#### PROBLEM STATEMENT:
Go through the material below and copy all lines with "origin".
++++
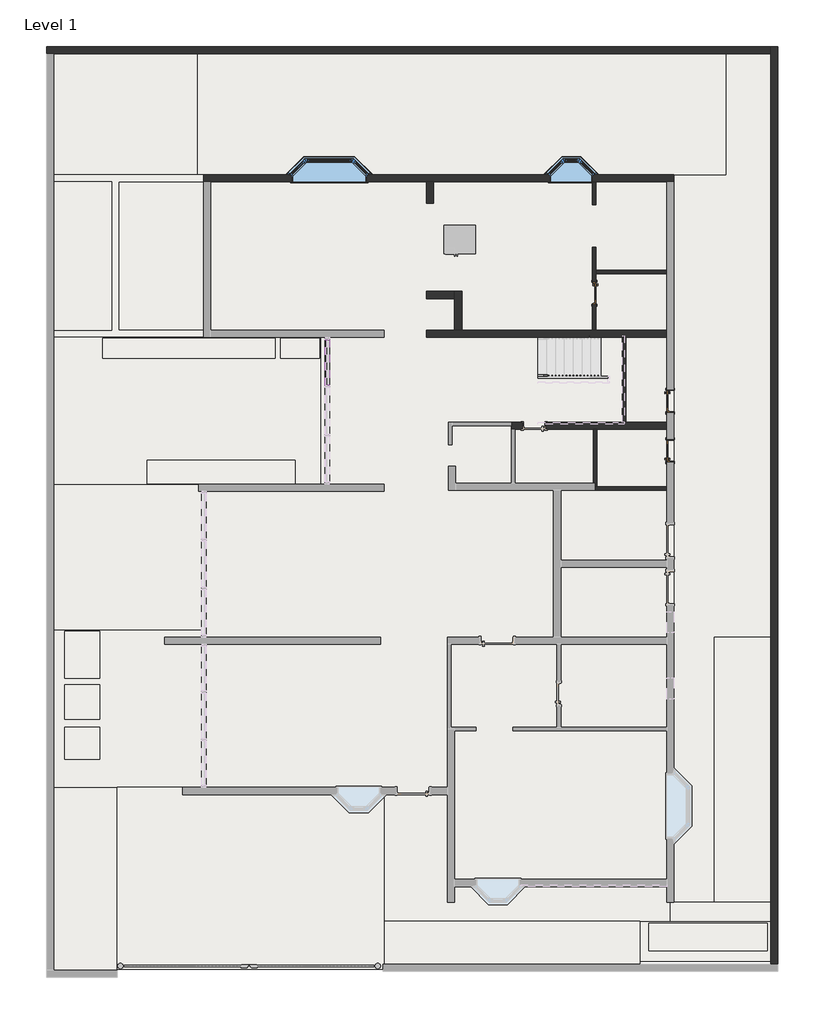
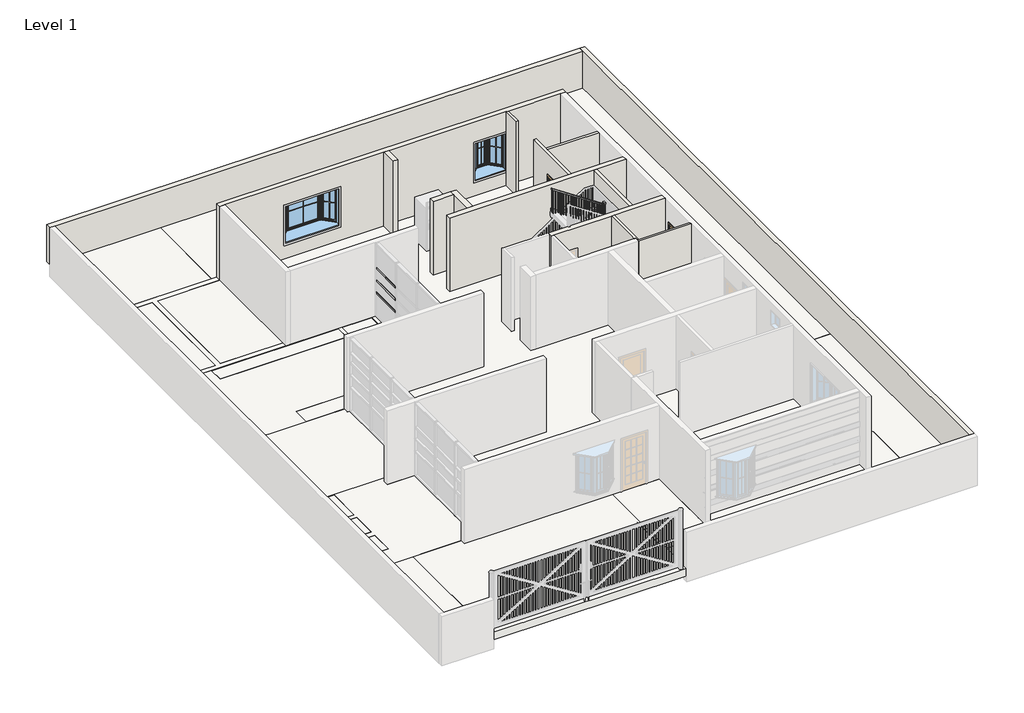
# One storey, part 4 of 5: 15 slabs, 14 walls, 3 doors, 3 members, 2 windows, 1 railing.
"""IFC4 building model written with IfcOpenShell, lengths in millimetres."""

from ifc_helpers import new_model, si_unit, frame, origin, origin_with_axes, place, context, project, spatial, polyline, outline, extrude, faceted_brep, transform, mapped, element, save
from components import door_interior_single_1_panel_wood_5fe0af8f, door_interior_single_1_panel_wood_a1a047a4, door_interior_single_1_panel_wood_33af59b7, member_f9f7e124, window_9f89e8e4, window_bay_casement_45_degree_angle_window_4_787d36ed

model = new_model("IFC4")

# Units and contexts
model_context = context("Model", 3, world=origin())
ifc_project = project(units=[si_unit("LENGTHUNIT", "METRE", prefix="MILLI")], contexts=[model_context])

# Site, building, storey
site = spatial("IfcSite", under=ifc_project)
building = spatial("IfcBuilding", under=site)
storey = spatial("IfcBuildingStorey", under=building, Name="Level 1", Elevation=0.0)

# Doors
placement = place(None, origin())
door_interior_single_1_panel_wood_shape = door_interior_single_1_panel_wood_5fe0af8f(model_context)
element("IfcDoor", 1, ObjectType="Door-Interior-Single-1_Panel-Wood", at=placement, inside=storey, context=model_context, shape_type="MappedRepresentation", body=[
    mapped(door_interior_single_1_panel_wood_shape, transform((-37351.3130314, 2521.1086027, 0.0), x_axis=(0.0, 1.0, 0.0), y_axis=(-1.0, 0.0, 0.0), z_axis=(0.0, 0.0, 1.0))),
])
door_interior_single_1_panel_wood_2_shape = door_interior_single_1_panel_wood_a1a047a4(model_context)
element("IfcDoor", 2, ObjectType="Door-Interior-Single-1_Panel-Wood", at=placement, inside=storey, context=model_context, shape_type="MappedRepresentation", body=[
    mapped(door_interior_single_1_panel_wood_2_shape, transform((-37351.3130314, 3943.5086027, 0.0), x_axis=(0.0, -1.0, 0.0), y_axis=(1.0, 0.0, 0.0), z_axis=(0.0, 0.0, 1.0))),
])
door_interior_single_1_panel_wood_3_shape = door_interior_single_1_panel_wood_33af59b7(model_context)
element("IfcDoor", 3, ObjectType="Door-Interior-Single-1_Panel-Wood", at=placement, inside=storey, context=model_context, shape_type="MappedRepresentation", body=[
    mapped(door_interior_single_1_panel_wood_3_shape, transform((-39529.3630314, 7042.3086027, 0.0), x_axis=(0.0, -1.0, 0.0), y_axis=(1.0, 0.0, 0.0), z_axis=(0.0, 0.0, 1.0))),
])

# Members
member_shape = member_f9f7e124(model_context)
element("IfcMember", 4, ObjectType="Rectangular Mullion : 2.5\" x 5\" rectangular", at=placement, inside=storey, context=model_context, shape_type="MappedRepresentation", body=[
    mapped(member_shape, transform((-47203.3380314, 5708.8086027, 1016.0), x_axis=(0.0, 0.0, 1.0), y_axis=(1.0, 0.0, 0.0), z_axis=(0.0, 1.0, 0.0))),
])
element("IfcMember", 5, ObjectType="Rectangular Mullion : 2.5\" x 5\" rectangular", at=placement, inside=storey, context=model_context, shape_type="MappedRepresentation", body=[
    mapped(member_shape, transform((-47203.3380314, 5708.8086027, 2032.0), x_axis=(0.0, 0.0, 1.0), y_axis=(1.0, 0.0, 0.0), z_axis=(0.0, 1.0, 0.0))),
])
element("IfcMember", 6, ObjectType="Rectangular Mullion : 2.5\" x 5\" rectangular", at=placement, inside=storey, context=model_context, shape_type="MappedRepresentation", body=[
    mapped(member_shape, transform((-47203.3380314, 5708.8086027, 1524.0), x_axis=(0.0, 0.0, 1.0), y_axis=(1.0, 0.0, 0.0), z_axis=(0.0, 1.0, 0.0))),
])

# Railing
element("IfcRailing", 7, ObjectType="Handrail - Rectangular", at=placement, inside=storey, context=model_context, shape_type="SolidModel", body=[
    faceted_brep([(-41148.2472477, 4705.5086027, 1083.7333333), (-41148.2472477, 4705.5086027, 1022.6793317), (-41148.2472477, 4654.7086027, 1022.6793317), (-41148.2472477, 4654.7086027, 1083.7333333), (-39167.0472477, 4705.5086027, 2404.5333333), (-39116.2472477, 4705.5086027, 2377.3459984), (-39116.2472477, 4654.7086027, 2377.3459984), (-39167.0472477, 4654.7086027, 2404.5333333), (-39167.0472477, 4705.5086027, 2438.4), (-39116.2472477, 4705.5086027, 2387.6), (-39116.2472477, 4654.7086027, 2387.6), (-39167.0472477, 4654.7086027, 2438.4), (-39040.0472477, 4705.5086027, 2438.4), (-39040.0472477, 4705.5086027, 2387.6), (-39090.8472477, 4654.7086027, 2387.6), (-39090.8472477, 4654.7086027, 2438.4), (-39040.0472477, 4578.5086027, 2438.4), (-39040.0472477, 4578.5086027, 2387.6), (-39090.8472477, 4578.5086027, 2387.6), (-39090.8472477, 4578.5086027, 2438.4), (-39040.0472477, 4527.7086027, 2438.4), (-39040.0472477, 4476.9086027, 2387.6), (-39090.8472477, 4476.9086027, 2387.6), (-39090.8472477, 4527.7086027, 2438.4), (-39040.0472477, 4527.7086027, 2641.6), (-39040.0472477, 4476.9086027, 2590.8), (-39090.8472477, 4476.9086027, 2590.8), (-39090.8472477, 4527.7086027, 2641.6), (-39040.0472477, 4400.7086027, 2641.6), (-39040.0472477, 4400.7086027, 2590.8), (-39090.8472477, 4451.5086027, 2590.8), (-39090.8472477, 4451.5086027, 2641.6), (-39167.0472477, 4400.7086027, 2641.6), (-39182.4282501, 4400.7086027, 2590.8), (-39182.4282501, 4451.5086027, 2590.8), (-39167.0472477, 4451.5086027, 2641.6), (-41148.2472477, 4400.7086027, 3962.4), (-41148.2472477, 4451.5086027, 3962.4), (-41148.2472477, 4451.5086027, 3901.3459984), (-41148.2472477, 4400.7086027, 3901.3459984)], [[[0, 1, 2, 3]], [[1, 0, 4, 5]], [[2, 1, 5, 6]], [[3, 2, 6, 7]], [[0, 3, 7, 4]], [[5, 4, 8, 9]], [[6, 5, 9, 10]], [[7, 6, 10, 11]], [[4, 7, 11, 8]], [[9, 8, 12, 13]], [[10, 9, 13, 14]], [[11, 10, 14, 15]], [[8, 11, 15, 12]], [[13, 12, 16, 17]], [[14, 13, 17, 18]], [[15, 14, 18, 19]], [[12, 15, 19, 16]], [[17, 16, 20, 21]], [[18, 17, 21, 22]], [[19, 18, 22, 23]], [[16, 19, 23, 20]], [[21, 20, 24, 25]], [[22, 21, 25, 26]], [[23, 22, 26, 27]], [[20, 23, 27, 24]], [[25, 24, 28, 29]], [[26, 25, 29, 30]], [[27, 26, 30, 31]], [[24, 27, 31, 28]], [[29, 28, 32, 33]], [[30, 29, 33, 34]], [[31, 30, 34, 35]], [[28, 31, 35, 32]], [[36, 37, 38, 39]], [[33, 32, 36, 39]], [[34, 33, 39, 38]], [[35, 34, 38, 37]], [[32, 35, 37, 36]]]),
    extrude(outline(polyline([(3861.1293317, -41087.9222477), (3873.8293317, -41106.9722477), (2878.6666667, -41106.9722477), (2878.6666667, -41087.9222477), (3861.1293317, -41087.9222477)])), frame((0.0, 4416.5836027, 0.0), z_axis=(0.0, 1.0, 0.0), x_axis=(0.0, 0.0, 1.0)), (0.0, 0.0, 1.0), 19.05),
    extrude(outline(polyline([(3793.3959984, -40986.3222477), (3806.0959984, -41005.3722477), (2878.6666667, -41005.3722477), (2878.6666667, -40986.3222477), (3793.3959984, -40986.3222477)])), frame((0.0, 4416.5836027, 0.0), z_axis=(0.0, 1.0, 0.0), x_axis=(0.0, 0.0, 1.0)), (0.0, 0.0, 1.0), 19.05),
    extrude(outline(polyline([(3725.6626651, -40884.7222477), (3738.3626651, -40903.7722477), (2878.6666667, -40903.7722477), (2878.6666667, -40884.7222477), (3725.6626651, -40884.7222477)])), frame((0.0, 4416.5836027, 0.0), z_axis=(0.0, 1.0, 0.0), x_axis=(0.0, 0.0, 1.0)), (0.0, 0.0, 1.0), 19.05),
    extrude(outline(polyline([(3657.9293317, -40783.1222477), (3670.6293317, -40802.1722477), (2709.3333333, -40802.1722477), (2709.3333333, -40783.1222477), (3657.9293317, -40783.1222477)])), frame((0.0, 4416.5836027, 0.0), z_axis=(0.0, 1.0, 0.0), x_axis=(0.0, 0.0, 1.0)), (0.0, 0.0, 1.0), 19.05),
++++
#### TASK OUTPUT:
from ifc_helpers import new_model, si_unit, frame, origin, origin_with_axes, place, context, project, spatial, polyline, outline, extrude, faceted_brep, transform, mapped, element, save
model_context = context("Model", 3, world=origin())
placement = place(None, origin())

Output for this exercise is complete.